## Task to carry out:
Taking the listing below, restate word for word each line from the line with "34.5, 0.0), z_axis=(0.0, 0.0, 1.0), x_axis=(1.0, 0.0, 0.0)))" to the line with "p15 = place(p5, origin())", ends included, and stop there.

## Data for the task:
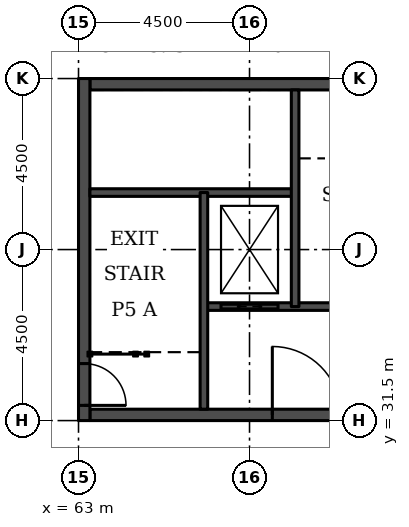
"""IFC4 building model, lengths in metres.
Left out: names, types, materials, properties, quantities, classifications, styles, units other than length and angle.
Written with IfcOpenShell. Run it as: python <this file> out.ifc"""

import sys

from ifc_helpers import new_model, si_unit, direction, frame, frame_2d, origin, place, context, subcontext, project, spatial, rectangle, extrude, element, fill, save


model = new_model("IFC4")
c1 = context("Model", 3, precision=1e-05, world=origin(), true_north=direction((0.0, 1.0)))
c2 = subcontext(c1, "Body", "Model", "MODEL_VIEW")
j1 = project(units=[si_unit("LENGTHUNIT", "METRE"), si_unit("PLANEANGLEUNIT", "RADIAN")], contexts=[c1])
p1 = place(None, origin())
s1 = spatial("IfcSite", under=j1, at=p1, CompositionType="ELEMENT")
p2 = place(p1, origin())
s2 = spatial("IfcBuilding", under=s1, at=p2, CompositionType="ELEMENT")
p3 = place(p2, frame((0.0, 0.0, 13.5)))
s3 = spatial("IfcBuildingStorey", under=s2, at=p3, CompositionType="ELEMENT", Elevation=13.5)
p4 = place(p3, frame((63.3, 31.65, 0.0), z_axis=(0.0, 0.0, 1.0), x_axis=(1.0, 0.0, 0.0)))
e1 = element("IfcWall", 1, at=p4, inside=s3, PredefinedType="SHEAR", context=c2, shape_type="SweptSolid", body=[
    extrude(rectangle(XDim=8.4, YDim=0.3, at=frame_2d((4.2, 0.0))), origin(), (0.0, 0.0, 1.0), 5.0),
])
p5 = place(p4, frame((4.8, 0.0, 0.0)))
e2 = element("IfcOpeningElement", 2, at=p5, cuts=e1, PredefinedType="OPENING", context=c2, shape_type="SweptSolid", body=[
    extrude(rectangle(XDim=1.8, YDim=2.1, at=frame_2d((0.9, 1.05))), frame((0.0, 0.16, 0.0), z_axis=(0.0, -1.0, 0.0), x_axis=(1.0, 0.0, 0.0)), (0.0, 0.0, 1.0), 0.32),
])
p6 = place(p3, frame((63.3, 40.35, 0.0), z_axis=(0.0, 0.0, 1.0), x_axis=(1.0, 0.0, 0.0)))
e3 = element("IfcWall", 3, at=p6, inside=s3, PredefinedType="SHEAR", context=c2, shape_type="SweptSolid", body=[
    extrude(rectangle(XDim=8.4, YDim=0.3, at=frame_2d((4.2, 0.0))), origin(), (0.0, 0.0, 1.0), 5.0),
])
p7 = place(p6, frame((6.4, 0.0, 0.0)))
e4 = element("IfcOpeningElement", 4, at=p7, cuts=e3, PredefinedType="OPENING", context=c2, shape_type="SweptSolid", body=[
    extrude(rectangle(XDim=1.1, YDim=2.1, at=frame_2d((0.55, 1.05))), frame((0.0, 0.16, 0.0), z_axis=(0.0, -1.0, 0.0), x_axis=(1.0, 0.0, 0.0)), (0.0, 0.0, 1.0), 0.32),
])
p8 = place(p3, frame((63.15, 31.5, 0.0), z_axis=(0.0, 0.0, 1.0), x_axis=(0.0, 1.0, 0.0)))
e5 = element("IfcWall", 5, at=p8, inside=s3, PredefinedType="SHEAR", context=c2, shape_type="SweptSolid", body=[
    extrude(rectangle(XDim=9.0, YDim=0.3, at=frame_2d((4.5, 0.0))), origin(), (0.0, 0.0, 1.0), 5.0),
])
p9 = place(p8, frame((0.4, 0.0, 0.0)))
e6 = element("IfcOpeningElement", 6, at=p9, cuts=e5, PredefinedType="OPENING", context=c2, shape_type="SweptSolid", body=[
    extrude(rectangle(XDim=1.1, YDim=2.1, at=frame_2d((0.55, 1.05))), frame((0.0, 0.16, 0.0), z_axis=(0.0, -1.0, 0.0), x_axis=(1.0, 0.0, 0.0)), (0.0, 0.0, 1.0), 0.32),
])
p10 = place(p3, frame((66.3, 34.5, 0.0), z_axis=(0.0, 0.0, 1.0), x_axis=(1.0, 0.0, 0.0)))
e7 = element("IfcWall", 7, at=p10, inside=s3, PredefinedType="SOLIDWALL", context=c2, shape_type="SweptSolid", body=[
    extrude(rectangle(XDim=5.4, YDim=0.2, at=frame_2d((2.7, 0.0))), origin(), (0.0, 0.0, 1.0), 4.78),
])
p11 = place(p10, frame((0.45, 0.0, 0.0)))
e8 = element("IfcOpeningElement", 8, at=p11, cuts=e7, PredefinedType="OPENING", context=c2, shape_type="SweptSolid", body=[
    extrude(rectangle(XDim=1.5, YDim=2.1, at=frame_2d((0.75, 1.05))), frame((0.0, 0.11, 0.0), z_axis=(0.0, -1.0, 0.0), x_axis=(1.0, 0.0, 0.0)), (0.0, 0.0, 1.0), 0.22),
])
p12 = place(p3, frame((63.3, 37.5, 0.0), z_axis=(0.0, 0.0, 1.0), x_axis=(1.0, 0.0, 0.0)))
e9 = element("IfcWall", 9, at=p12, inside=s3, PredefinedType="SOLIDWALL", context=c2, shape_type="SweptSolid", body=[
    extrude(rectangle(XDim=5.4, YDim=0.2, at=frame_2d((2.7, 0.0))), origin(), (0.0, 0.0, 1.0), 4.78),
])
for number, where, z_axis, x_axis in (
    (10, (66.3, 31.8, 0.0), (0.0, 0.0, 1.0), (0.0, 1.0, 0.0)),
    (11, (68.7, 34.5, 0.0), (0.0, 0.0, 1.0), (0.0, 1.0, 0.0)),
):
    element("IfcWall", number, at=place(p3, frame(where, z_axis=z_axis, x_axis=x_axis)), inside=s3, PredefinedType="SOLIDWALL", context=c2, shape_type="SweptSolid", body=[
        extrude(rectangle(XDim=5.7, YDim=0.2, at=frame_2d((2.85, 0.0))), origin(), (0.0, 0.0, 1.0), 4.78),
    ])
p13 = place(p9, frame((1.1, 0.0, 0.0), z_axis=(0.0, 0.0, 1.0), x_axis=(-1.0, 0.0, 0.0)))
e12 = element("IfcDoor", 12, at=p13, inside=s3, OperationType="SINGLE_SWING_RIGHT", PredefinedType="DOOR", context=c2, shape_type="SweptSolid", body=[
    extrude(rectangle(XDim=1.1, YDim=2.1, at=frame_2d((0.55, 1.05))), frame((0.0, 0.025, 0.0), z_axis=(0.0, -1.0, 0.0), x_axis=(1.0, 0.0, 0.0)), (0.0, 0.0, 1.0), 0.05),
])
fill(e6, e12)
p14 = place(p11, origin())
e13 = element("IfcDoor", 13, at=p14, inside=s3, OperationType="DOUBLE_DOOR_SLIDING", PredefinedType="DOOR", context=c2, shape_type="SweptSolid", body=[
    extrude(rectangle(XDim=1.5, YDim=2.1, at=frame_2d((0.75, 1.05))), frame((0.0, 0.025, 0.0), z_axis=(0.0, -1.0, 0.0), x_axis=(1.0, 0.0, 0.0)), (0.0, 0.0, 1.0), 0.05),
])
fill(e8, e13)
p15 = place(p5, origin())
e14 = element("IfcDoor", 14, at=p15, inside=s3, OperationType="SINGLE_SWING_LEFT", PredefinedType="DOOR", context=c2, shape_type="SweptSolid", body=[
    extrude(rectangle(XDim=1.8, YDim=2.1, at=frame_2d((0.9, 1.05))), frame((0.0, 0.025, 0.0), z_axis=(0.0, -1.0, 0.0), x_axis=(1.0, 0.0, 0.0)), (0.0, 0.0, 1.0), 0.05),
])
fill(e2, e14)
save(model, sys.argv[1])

## Result of this exercise:
p10 = place(p3, frame((66.3, 34.5, 0.0), z_axis=(0.0, 0.0, 1.0), x_axis=(1.0, 0.0, 0.0)))
e7 = element("IfcWall", 7, at=p10, inside=s3, PredefinedType="SOLIDWALL", context=c2, shape_type="SweptSolid", body=[
    extrude(rectangle(XDim=5.4, YDim=0.2, at=frame_2d((2.7, 0.0))), origin(), (0.0, 0.0, 1.0), 4.78),
])
p11 = place(p10, frame((0.45, 0.0, 0.0)))
e8 = element("IfcOpeningElement", 8, at=p11, cuts=e7, PredefinedType="OPENING", context=c2, shape_type="SweptSolid", body=[
    extrude(rectangle(XDim=1.5, YDim=2.1, at=frame_2d((0.75, 1.05))), frame((0.0, 0.11, 0.0), z_axis=(0.0, -1.0, 0.0), x_axis=(1.0, 0.0, 0.0)), (0.0, 0.0, 1.0), 0.22),
])
p12 = place(p3, frame((63.3, 37.5, 0.0), z_axis=(0.0, 0.0, 1.0), x_axis=(1.0, 0.0, 0.0)))
e9 = element("IfcWall", 9, at=p12, inside=s3, PredefinedType="SOLIDWALL", context=c2, shape_type="SweptSolid", body=[
    extrude(rectangle(XDim=5.4, YDim=0.2, at=frame_2d((2.7, 0.0))), origin(), (0.0, 0.0, 1.0), 4.78),
])
for number, where, z_axis, x_axis in (
    (10, (66.3, 31.8, 0.0), (0.0, 0.0, 1.0), (0.0, 1.0, 0.0)),
    (11, (68.7, 34.5, 0.0), (0.0, 0.0, 1.0), (0.0, 1.0, 0.0)),
):
    element("IfcWall", number, at=place(p3, frame(where, z_axis=z_axis, x_axis=x_axis)), inside=s3, PredefinedType="SOLIDWALL", context=c2, shape_type="SweptSolid", body=[
        extrude(rectangle(XDim=5.7, YDim=0.2, at=frame_2d((2.85, 0.0))), origin(), (0.0, 0.0, 1.0), 4.78),
    ])
p13 = place(p9, frame((1.1, 0.0, 0.0), z_axis=(0.0, 0.0, 1.0), x_axis=(-1.0, 0.0, 0.0)))
e12 = element("IfcDoor", 12, at=p13, inside=s3, OperationType="SINGLE_SWING_RIGHT", PredefinedType="DOOR", context=c2, shape_type="SweptSolid", body=[
    extrude(rectangle(XDim=1.1, YDim=2.1, at=frame_2d((0.55, 1.05))), frame((0.0, 0.025, 0.0), z_axis=(0.0, -1.0, 0.0), x_axis=(1.0, 0.0, 0.0)), (0.0, 0.0, 1.0), 0.05),
])
fill(e6, e12)
p14 = place(p11, origin())
e13 = element("IfcDoor", 13, at=p14, inside=s3, OperationType="DOUBLE_DOOR_SLIDING", PredefinedType="DOOR", context=c2, shape_type="SweptSolid", body=[
    extrude(rectangle(XDim=1.5, YDim=2.1, at=frame_2d((0.75, 1.05))), frame((0.0, 0.025, 0.0), z_axis=(0.0, -1.0, 0.0), x_axis=(1.0, 0.0, 0.0)), (0.0, 0.0, 1.0), 0.05),
])
fill(e8, e13)
p15 = place(p5, origin())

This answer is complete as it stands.